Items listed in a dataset
──────

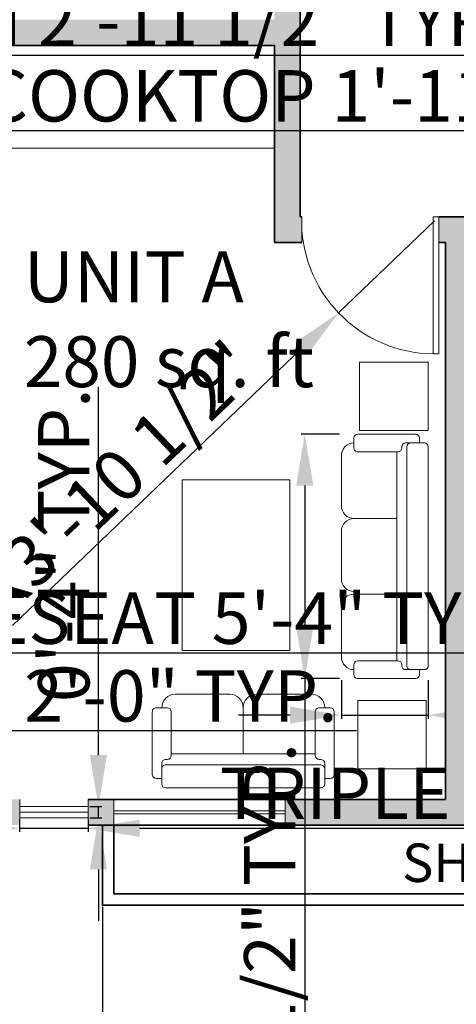
# Model space of a CAD drawing. Units: inches. Extents: x 2043 to 3177, y 1429 to 2563.
# Tile 6 of 14: x 2453 to 2607, y 1608 to 1952. Entities that reach past the tile are written whole.
import ezdxf

# ---------------------------------------------------------------- set-up
doc = ezdxf.new("R2010")
doc.units = ezdxf.units.IN
for name, color, linetype, lineweight in [('A-ANNO-DIMS', 2, 'Continuous', 13), ('A-AREA-IDEN', 7, 'Continuous', 18), ('A-DOOR', 3, 'Continuous', 18), ('A-FLOR-CASE', 8, 'Continuous', 18), ('A-FURN', 8, 'Continuous', 18), ('A-GLAZ', 4, 'Continuous', 18), ('A-WALL', 7, 'Continuous', 35)]:
    doc.layers.add(name, color=color, linetype=linetype, lineweight=lineweight)
doc.layers.add('A-WALL-PATT', color=251, linetype='Continuous', lineweight=13, true_color=0x636466)
doc.styles.get("Standard").update_dxf_attribs({"font": 'arial.ttf'})
doc.dimstyles.new('ISO-25', dxfattribs={"dimtxt": 18, "dimasz": 18, "dimexe": 1.25, "dimexo": 0.625, "dimtad": 1, "dimlunit": 3, "dimtxsty": 'Standard', "dimcen": 2.5, "dimadec": 0, "dimazin": 0, "dimtfac": 1, "dimtmove": 0, "dimatfit": 3, "dimfxl": 1, "dimarcsym": 0})

# ---------------------------------------------------------------- blocks, each defined once
blk = doc.blocks.new('A$C115861F8')
for p, q in [((0.0679, 0.6401), (0.0679, 0.6013)), ((1.7846, 0.6692), (0.097, 0.6692)), ((1.8136, 0.6401), (1.8136, 0.6013)), ((0, 0.5722), (0, 0.1261)), ((0.0679, 0.6013), (0.0291, 0.6013)), ((0.0679, 0.5334), (0.0679, 0.6013)), ((0.0679, 0.4946), (0.0679, 0.5431)), ((1.8136, 0.6013), (1.8524, 0.6013)), ((1.8136, 0.5334), (1.8136, 0.6013)), ((1.8136, 0.4946), (1.8136, 0.5431)), ((1.8815, 0.5722), (1.8815, 0.1261)), ((1.7846, 0.5043), (0.097, 0.5043)), ((0.1067, 0.4655), (0.097, 0.4655)), ((1.7749, 0.4655), (1.7846, 0.4655)), ((0.1358, 0.1261), (0.1358, 0.4364)), ((1.7458, 0.4267), (0.1358, 0.4267)), ((0.6498, 0.097), (0.6498, 0.4267)), ((1.2317, 0.097), (1.2317, 0.4267)), ((1.7458, 0.1261), (1.7458, 0.4364)), ((0.0291, 0.097), (0.1067, 0.097)), ((1.8524, 0.097), (1.7749, 0.097)), ((0.1649, 0), (0.5528, 0)), ((1.1347, 0), (0.7468, 0)), ((1.3287, 0), (1.7167, 0))]:
    blk.add_line(p, q)
for centre, radius, start, end in [((0.097, 0.6401), 0.0291, 90, 180), ((1.7846, 0.6401), 0.0291, 0, 90), ((0.0291, 0.5722), 0.0291, 90, 180), ((0.097, 0.5334), 0.0291, 180, 270), ((1.7846, 0.5334), 0.0291, 270, 0), ((1.8524, 0.5722), 0.0291, 0, 90), ((0.097, 0.4946), 0.0291, 180, 270), ((0.1067, 0.4364), 0.0291, 0, 90), ((1.7749, 0.4364), 0.0291, 90, 180), ((1.7846, 0.4946), 0.0291, 270, 0), ((0.0291, 0.1261), 0.0291, 180, 270), ((0.1649, 0.097), 0.097, 180, 270), ((0.1067, 0.1261), 0.0291, 270, 0), ((0.5528, 0.097), 0.097, 270, 0), ((0.7468, 0.097), 0.097, 180, 270), ((1.1147, 0.097), 0.097, 270, 0), ((1.3287, 0.097), 0.097, 180, 270), ((1.7167, 0.097), 0.097, 270, 0), ((1.7749, 0.1261), 0.0291, 180, 270), ((1.8524, 0.1261), 0.0291, 270, 0)]:
    blk.add_arc(centre, radius, start, end)
blk = doc.blocks.new('A$C02A636C4')
for p, q in [((0.0679, 0.6401), (0.0679, 0.6013)), ((1.2026, 0.6692), (0.097, 0.6692)), ((1.2317, 0.6401), (1.2317, 0.6013)), ((0, 0.5722), (0, 0.1261)), ((0.0679, 0.6013), (0.0291, 0.6013)), ((0.0679, 0.5334), (0.0679, 0.6013)), ((1.2317, 0.6013), (1.2705, 0.6013)), ((1.2317, 0.5334), (1.2317, 0.6013)), ((1.2996, 0.5722), (1.2996, 0.1261)), ((0.0679, 0.4946), (0.0679, 0.5431)), ((1.2026, 0.5043), (0.097, 0.5043)), ((1.2317, 0.4946), (1.2317, 0.5431)), ((0.1067, 0.4655), (0.097, 0.4655)), ((0.1358, 0.1261), (0.1358, 0.4364)), ((1.1638, 0.4267), (0.1358, 0.4267)), ((0.6498, 0.097), (0.6498, 0.4267)), ((1.1638, 0.1261), (1.1638, 0.4364)), ((1.1929, 0.4655), (1.2026, 0.4655)), ((0.0291, 0.097), (0.1067, 0.097)), ((1.2705, 0.097), (1.1929, 0.097)), ((0.1649, 0), (0.5528, 0)), ((0.7468, 0), (1.1347, 0))]:
    blk.add_line(p, q)
for centre, radius, start, end in [((0.097, 0.6401), 0.0291, 90, 180), ((1.2026, 0.6401), 0.0291, 0, 90), ((0.0291, 0.5722), 0.0291, 90, 180), ((1.2705, 0.5722), 0.0291, 0, 90), ((0.097, 0.5334), 0.0291, 180, 270), ((0.097, 0.4946), 0.0291, 180, 270), ((1.2026, 0.5334), 0.0291, 270, 0), ((1.2026, 0.4946), 0.0291, 270, 0), ((0.1067, 0.4364), 0.0291, 0, 90), ((1.1929, 0.4364), 0.0291, 90, 180), ((0.0291, 0.1261), 0.0291, 180, 270), ((0.1649, 0.097), 0.097, 180, 270), ((0.1067, 0.1261), 0.0291, 270, 0), ((0.5528, 0.097), 0.097, 270, 0), ((0.7468, 0.097), 0.097, 180, 270), ((1.1347, 0.097), 0.097, 270, 0), ((1.1929, 0.1261), 0.0291, 180, 270), ((1.2705, 0.1261), 0.0291, 270, 0)]:
    blk.add_arc(centre, radius, start, end)
blk = doc.blocks.new('*D22')
at = {"layer": 'A-ANNO-DIMS', "color": 0, "lineweight": -2, "transparency": 16777216}
for p, q in [((2482.49, 1641.77), (2482.49, 1560.37)), ((2731.99, 1641.77), (2731.99, 1560.37)), ((2500.49, 1561.62), (2713.99, 1561.62))]:
    blk.add_line(p, q, dxfattribs=at)
at = {"layer": 'A-ANNO-DIMS', "color": 0, "transparency": 16777216}
for points in [[(2500.49, 1564.62), (2500.49, 1558.62), (2482.49, 1561.62)], [(2713.99, 1564.62), (2713.99, 1558.62), (2731.99, 1561.62)]]:
    blk.add_solid(points, dxfattribs=at)
at = {"layer": 'Defpoints', "color": 0, "transparency": 16777216}
for p in [(2482.49, 1642.39), (2731.99, 1642.39), (2731.99, 1561.62)]:
    blk.add_point(p, dxfattribs=at)
at = {"layer": 'A-ANNO-DIMS', "color": 0, "transparency": 16777216, "insert": (2607.24, 1571.44), "char_height": 18, "attachment_point": 5}
blk.add_mtext('25\'-0"', dxfattribs=at)
blk = doc.blocks.new('*D23')
at = {"layer": 'A-ANNO-DIMS', "color": 0, "lineweight": -2, "transparency": 16777216}
for p, q in [((2446.74, 1641.77), (2446.74, 1511.06)), ((2482.49, 1641.77), (2482.49, 1511.06)), ((2428.74, 1512.31), (2361.66, 1512.31)), ((2482.49, 1512.31), (2446.74, 1512.31)), ((2500.49, 1512.31), (2518.49, 1512.31))]:
    blk.add_line(p, q, dxfattribs=at)
at = {"layer": 'A-ANNO-DIMS', "color": 0, "transparency": 16777216}
for points in [[(2428.74, 1515.31), (2428.74, 1509.31), (2446.74, 1512.31)], [(2500.49, 1515.31), (2500.49, 1509.31), (2482.49, 1512.31)]]:
    blk.add_solid(points, dxfattribs=at)
at = {"layer": 'Defpoints', "color": 0, "transparency": 16777216}
for p in [(2446.74, 1642.39), (2482.49, 1642.39), (2446.74, 1512.31)]:
    blk.add_point(p, dxfattribs=at)
at = {"layer": 'A-ANNO-DIMS', "color": 0, "transparency": 16777216, "insert": (2386.2, 1522.13), "char_height": 18, "attachment_point": 5}
blk.add_mtext('3\'-0"', dxfattribs=at)
blk = doc.blocks.new('*D29')
at = {"layer": 'A-ANNO-DIMS', "color": 0, "lineweight": -2, "transparency": 16777216}
for p, q in [((2233.74, 1633.77), (2233.74, 1430.58)), ((2980.74, 1633.77), (2980.74, 1430.58)), ((2251.74, 1431.83), (2962.74, 1431.83))]:
    blk.add_line(p, q, dxfattribs=at)
at = {"layer": 'A-ANNO-DIMS', "color": 0, "transparency": 16777216}
for points in [[(2251.74, 1434.83), (2251.74, 1428.83), (2233.74, 1431.83)], [(2962.74, 1434.83), (2962.74, 1428.83), (2980.74, 1431.83)]]:
    blk.add_solid(points, dxfattribs=at)
at = {"layer": 'Defpoints', "color": 0, "transparency": 16777216}
for p in [(2233.74, 1634.39), (2980.74, 1634.39), (2980.74, 1431.83)]:
    blk.add_point(p, dxfattribs=at)
at = {"layer": 'A-ANNO-DIMS', "color": 0, "transparency": 16777216, "insert": (2607.24, 1441.64), "char_height": 18, "attachment_point": 5}
blk.add_mtext('75\'-0"', dxfattribs=at)
blk = doc.blocks.new('END-TABLE-24')
blk.add_lwpolyline([(24, 24), (24, 0), (0, 0), (0, 24)], close=True)
blk = doc.blocks.new('COFFEE-TABLE-RECT')
blk.add_lwpolyline([(0, 59.71), (37.81, 59.71), (37.81, 0), (0, 0)], close=True)
blk = doc.blocks.new('GLAZING-24-TRIPLE')
for p, q in [((24, 4), (0, 4)), ((24, 2), (0, 2)), ((24, 0), (0, 0))]:
    blk.add_line(p, q)
blk = doc.blocks.new('GLAZING-60')
for p, q in [((0, 1), (60, 1)), ((0, 0), (60, 0))]:
    blk.add_line(p, q)
blk = doc.blocks.new('*D43')
at = {"layer": 'A-ANNO-DIMS', "color": 0, "lineweight": -2, "transparency": 16777216}
for p, q in [((2565.6, 1807.28), (2552.15, 1807.28)), ((2553.4, 1789.28), (2553.4, 1739.74)), ((2565.6, 1721.74), (2552.15, 1721.74)), ((2553.4, 1721.74), (2553.4, 1475.47))]:
    blk.add_line(p, q, dxfattribs=at)
at = {"layer": 'A-ANNO-DIMS', "color": 0, "transparency": 16777216}
for points in [[(2550.4, 1789.28), (2556.4, 1789.28), (2553.4, 1807.28)], [(2550.4, 1739.74), (2556.4, 1739.74), (2553.4, 1721.74)]]:
    blk.add_solid(points, dxfattribs=at)
at = {"layer": 'Defpoints', "color": 0, "transparency": 16777216}
for p in [(2566.23, 1807.28), (2553.4, 1721.74), (2566.23, 1721.74)]:
    blk.add_point(p, dxfattribs=at)
at = {"layer": 'A-ANNO-DIMS', "color": 0, "transparency": 16777216, "insert": (2543.46, 1589.61), "char_height": 18, "attachment_point": 5, "rotation": 90}
blk.add_mtext('SOFA 7\'-1 1/2" TYP.', dxfattribs=at)
blk = doc.blocks.new('*D44')
at = {"layer": 'A-ANNO-DIMS', "color": 0, "lineweight": -2, "transparency": 16777216}
for p, q in [((2566.23, 1721.12), (2566.23, 1707.66)), ((2596.65, 1721.12), (2596.65, 1707.66)), ((2548.23, 1708.91), (2530.23, 1708.91)), ((2566.23, 1708.91), (2596.65, 1708.91)), ((2614.65, 1708.91), (2785.87, 1708.91))]:
    blk.add_line(p, q, dxfattribs=at)
at = {"layer": 'A-ANNO-DIMS', "color": 0, "transparency": 16777216}
for points in [[(2548.23, 1711.91), (2548.23, 1705.91), (2566.23, 1708.91)], [(2614.65, 1711.91), (2614.65, 1705.91), (2596.65, 1708.91)]]:
    blk.add_solid(points, dxfattribs=at)
at = {"layer": 'Defpoints', "color": 0, "transparency": 16777216}
for p in [(2566.23, 1721.74), (2596.65, 1721.74), (2596.65, 1708.91)]:
    blk.add_point(p, dxfattribs=at)
at = {"layer": 'A-ANNO-DIMS', "color": 0, "transparency": 16777216, "insert": (2709.26, 1718.85), "char_height": 18, "attachment_point": 5}
blk.add_mtext('2\'-6 1/2" TYP.', dxfattribs=at)
blk = doc.blocks.new('*D45')
at = {"layer": 'A-ANNO-DIMS', "color": 0, "lineweight": -2, "transparency": 16777216}
for p, q in [((2656.49, 1721.63), (2656.49, 1731.82)), ((2720.27, 1721.63), (2720.27, 1731.82)), ((2656.49, 1730.57), (2388.57, 1730.57)), ((2702.27, 1730.57), (2674.49, 1730.57))]:
    blk.add_line(p, q, dxfattribs=at)
at = {"layer": 'A-ANNO-DIMS', "color": 0, "transparency": 16777216}
for points in [[(2674.49, 1733.57), (2674.49, 1727.57), (2656.49, 1730.57)], [(2702.27, 1733.57), (2702.27, 1727.57), (2720.27, 1730.57)]]:
    blk.add_solid(points, dxfattribs=at)
at = {"layer": 'Defpoints', "color": 0, "transparency": 16777216}
for p in [(2656.49, 1730.57), (2656.49, 1721), (2720.27, 1721)]:
    blk.add_point(p, dxfattribs=at)
at = {"layer": 'A-ANNO-DIMS', "color": 0, "transparency": 16777216, "insert": (2513.53, 1740.51), "char_height": 18, "attachment_point": 5}
blk.add_mtext('LOVESEAT 5\'-4" TYP.', dxfattribs=at)
blk = doc.blocks.new('*D47')
at = {"layer": 'A-ANNO-DIMS', "color": 0, "lineweight": -2, "transparency": 16777216}
for p, q in [((2236.77, 1703.49), (2218.77, 1703.49)), ((2254.77, 1700.52), (2254.77, 1704.74)), ((2254.77, 1703.49), (2278.77, 1703.49)), ((2278.77, 1700.52), (2278.77, 1704.74)), ((2296.77, 1703.49), (2571.52, 1703.49))]:
    blk.add_line(p, q, dxfattribs=at)
at = {"layer": 'A-ANNO-DIMS', "color": 0, "transparency": 16777216}
for points in [[(2236.77, 1706.49), (2236.77, 1700.49), (2254.77, 1703.49)], [(2296.77, 1706.49), (2296.77, 1700.49), (2278.77, 1703.49)]]:
    blk.add_solid(points, dxfattribs=at)
at = {"layer": 'Defpoints', "color": 0, "transparency": 16777216}
for p in [(2278.77, 1703.49), (2254.77, 1699.89), (2278.77, 1699.89)]:
    blk.add_point(p, dxfattribs=at)
at = {"layer": 'A-ANNO-DIMS', "color": 0, "transparency": 16777216, "insert": (2443.14, 1713.31), "char_height": 18, "attachment_point": 5}
blk.add_mtext('END TABLE 2\'-0" TYP.', dxfattribs=at)
blk = doc.blocks.new('*D57')
at = {"layer": 'A-ANNO-DIMS', "color": 0, "lineweight": -2, "transparency": 16777216}
for p, q in [((2309.03, 1935.24), (2309.03, 1941.18)), ((2344.46, 1935.24), (2344.46, 1941.18)), ((2291.03, 1939.93), (2273.03, 1939.93)), ((2309.03, 1939.93), (2344.46, 1939.93)), ((2362.46, 1939.93), (2629.01, 1939.93))]:
    blk.add_line(p, q, dxfattribs=at)
at = {"layer": 'A-ANNO-DIMS', "color": 0, "transparency": 16777216}
for points in [[(2291.03, 1942.93), (2291.03, 1936.93), (2309.03, 1939.93)], [(2362.46, 1942.93), (2362.46, 1936.93), (2344.46, 1939.93)]]:
    blk.add_solid(points, dxfattribs=at)
at = {"layer": 'Defpoints', "color": 0, "transparency": 16777216}
for p in [(2344.46, 1939.93), (2309.03, 1934.62), (2344.46, 1934.62)]:
    blk.add_point(p, dxfattribs=at)
at = {"layer": 'A-ANNO-DIMS', "color": 0, "transparency": 16777216, "insert": (2504.74, 1949.86), "char_height": 18, "attachment_point": 5}
blk.add_mtext('BASIN 2\'-11 1/2" TYP.', dxfattribs=at)
blk = doc.blocks.new('*D61')
at = {"layer": 'A-ANNO-DIMS', "color": 0, "lineweight": -2, "transparency": 16777216}
for p, q in [((2752.39, 1913.46), (2434.98, 1913.46)), ((2770.39, 1916.38), (2770.39, 1912.21)), ((2794.01, 1913.46), (2770.39, 1913.46)), ((2794.01, 1916.38), (2794.01, 1912.21)), ((2812.01, 1913.46), (2830.01, 1913.46))]:
    blk.add_line(p, q, dxfattribs=at)
at = {"layer": 'A-ANNO-DIMS', "color": 0, "transparency": 16777216}
for points in [[(2752.39, 1916.46), (2752.39, 1910.46), (2770.39, 1913.46)], [(2812.01, 1916.46), (2812.01, 1910.46), (2794.01, 1913.46)]]:
    blk.add_solid(points, dxfattribs=at)
at = {"layer": 'Defpoints', "color": 0, "transparency": 16777216}
for p in [(2770.39, 1917.01), (2794.01, 1917.01), (2770.39, 1913.46)]:
    blk.add_point(p, dxfattribs=at)
at = {"layer": 'A-ANNO-DIMS', "color": 0, "transparency": 16777216, "insert": (2584.68, 1923.4), "char_height": 18, "attachment_point": 5}
blk.add_mtext('COOKTOP 1\'-11 1/2" TYP.', dxfattribs=at)
blk = doc.blocks.new('*D67')
at = {"layer": 'A-ANNO-DIMS', "color": 0, "lineweight": -2, "transparency": 16777216}
for p, q in [((2453.49, 1672.27), (2453.49, 1668.04)), ((2477.49, 1672.27), (2477.49, 1668.04)), ((2435.49, 1669.29), (2417.49, 1669.29)), ((2453.49, 1669.29), (2477.49, 1669.29)), ((2495.49, 1669.29), (2837.31, 1669.29))]:
    blk.add_line(p, q, dxfattribs=at)
at = {"layer": 'A-ANNO-DIMS', "color": 0, "transparency": 16777216}
for points in [[(2435.49, 1672.29), (2435.49, 1666.29), (2453.49, 1669.29)], [(2495.49, 1672.29), (2495.49, 1666.29), (2477.49, 1669.29)]]:
    blk.add_solid(points, dxfattribs=at)
at = {"layer": 'Defpoints', "color": 0, "transparency": 16777216}
for p in [(2453.49, 1672.89), (2477.49, 1672.89), (2477.49, 1669.29)]:
    blk.add_point(p, dxfattribs=at)
at = {"layer": 'A-ANNO-DIMS', "color": 0, "transparency": 16777216, "insert": (2675.4, 1679.23), "char_height": 18, "attachment_point": 5}
blk.add_mtext('TRIPLE GLAZING 2\'-0" TYP.', dxfattribs=at)
blk = doc.blocks.new('*D68')
at = {"layer": 'A-ANNO-DIMS', "color": 0, "lineweight": -2, "transparency": 16777216}
for p, q in [((2481.09, 1694.89), (2481.09, 1823.86)), ((2478.12, 1676.89), (2482.34, 1676.89)), ((2481.09, 1672.89), (2481.09, 1676.89)), ((2478.12, 1672.89), (2482.34, 1672.89)), ((2481.09, 1654.89), (2481.09, 1636.89))]:
    blk.add_line(p, q, dxfattribs=at)
at = {"layer": 'A-ANNO-DIMS', "color": 0, "transparency": 16777216}
for points in [[(2478.09, 1694.89), (2484.09, 1694.89), (2481.09, 1676.89)], [(2478.09, 1654.89), (2484.09, 1654.89), (2481.09, 1672.89)]]:
    blk.add_solid(points, dxfattribs=at)
at = {"layer": 'Defpoints', "color": 0, "transparency": 16777216}
for p in [(2477.49, 1676.89), (2481.09, 1676.89), (2477.49, 1672.89)]:
    blk.add_point(p, dxfattribs=at)
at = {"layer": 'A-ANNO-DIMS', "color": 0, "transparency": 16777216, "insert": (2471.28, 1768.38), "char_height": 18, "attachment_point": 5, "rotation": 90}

──────

Task prompt: If the word "TABLE" appears in a line above, copy that line.

Result of this task:
blk = doc.blocks.new('END-TABLE-24')
blk = doc.blocks.new('COFFEE-TABLE-RECT')
blk.add_mtext('END TABLE 2\'-0" TYP.', dxfattribs=at)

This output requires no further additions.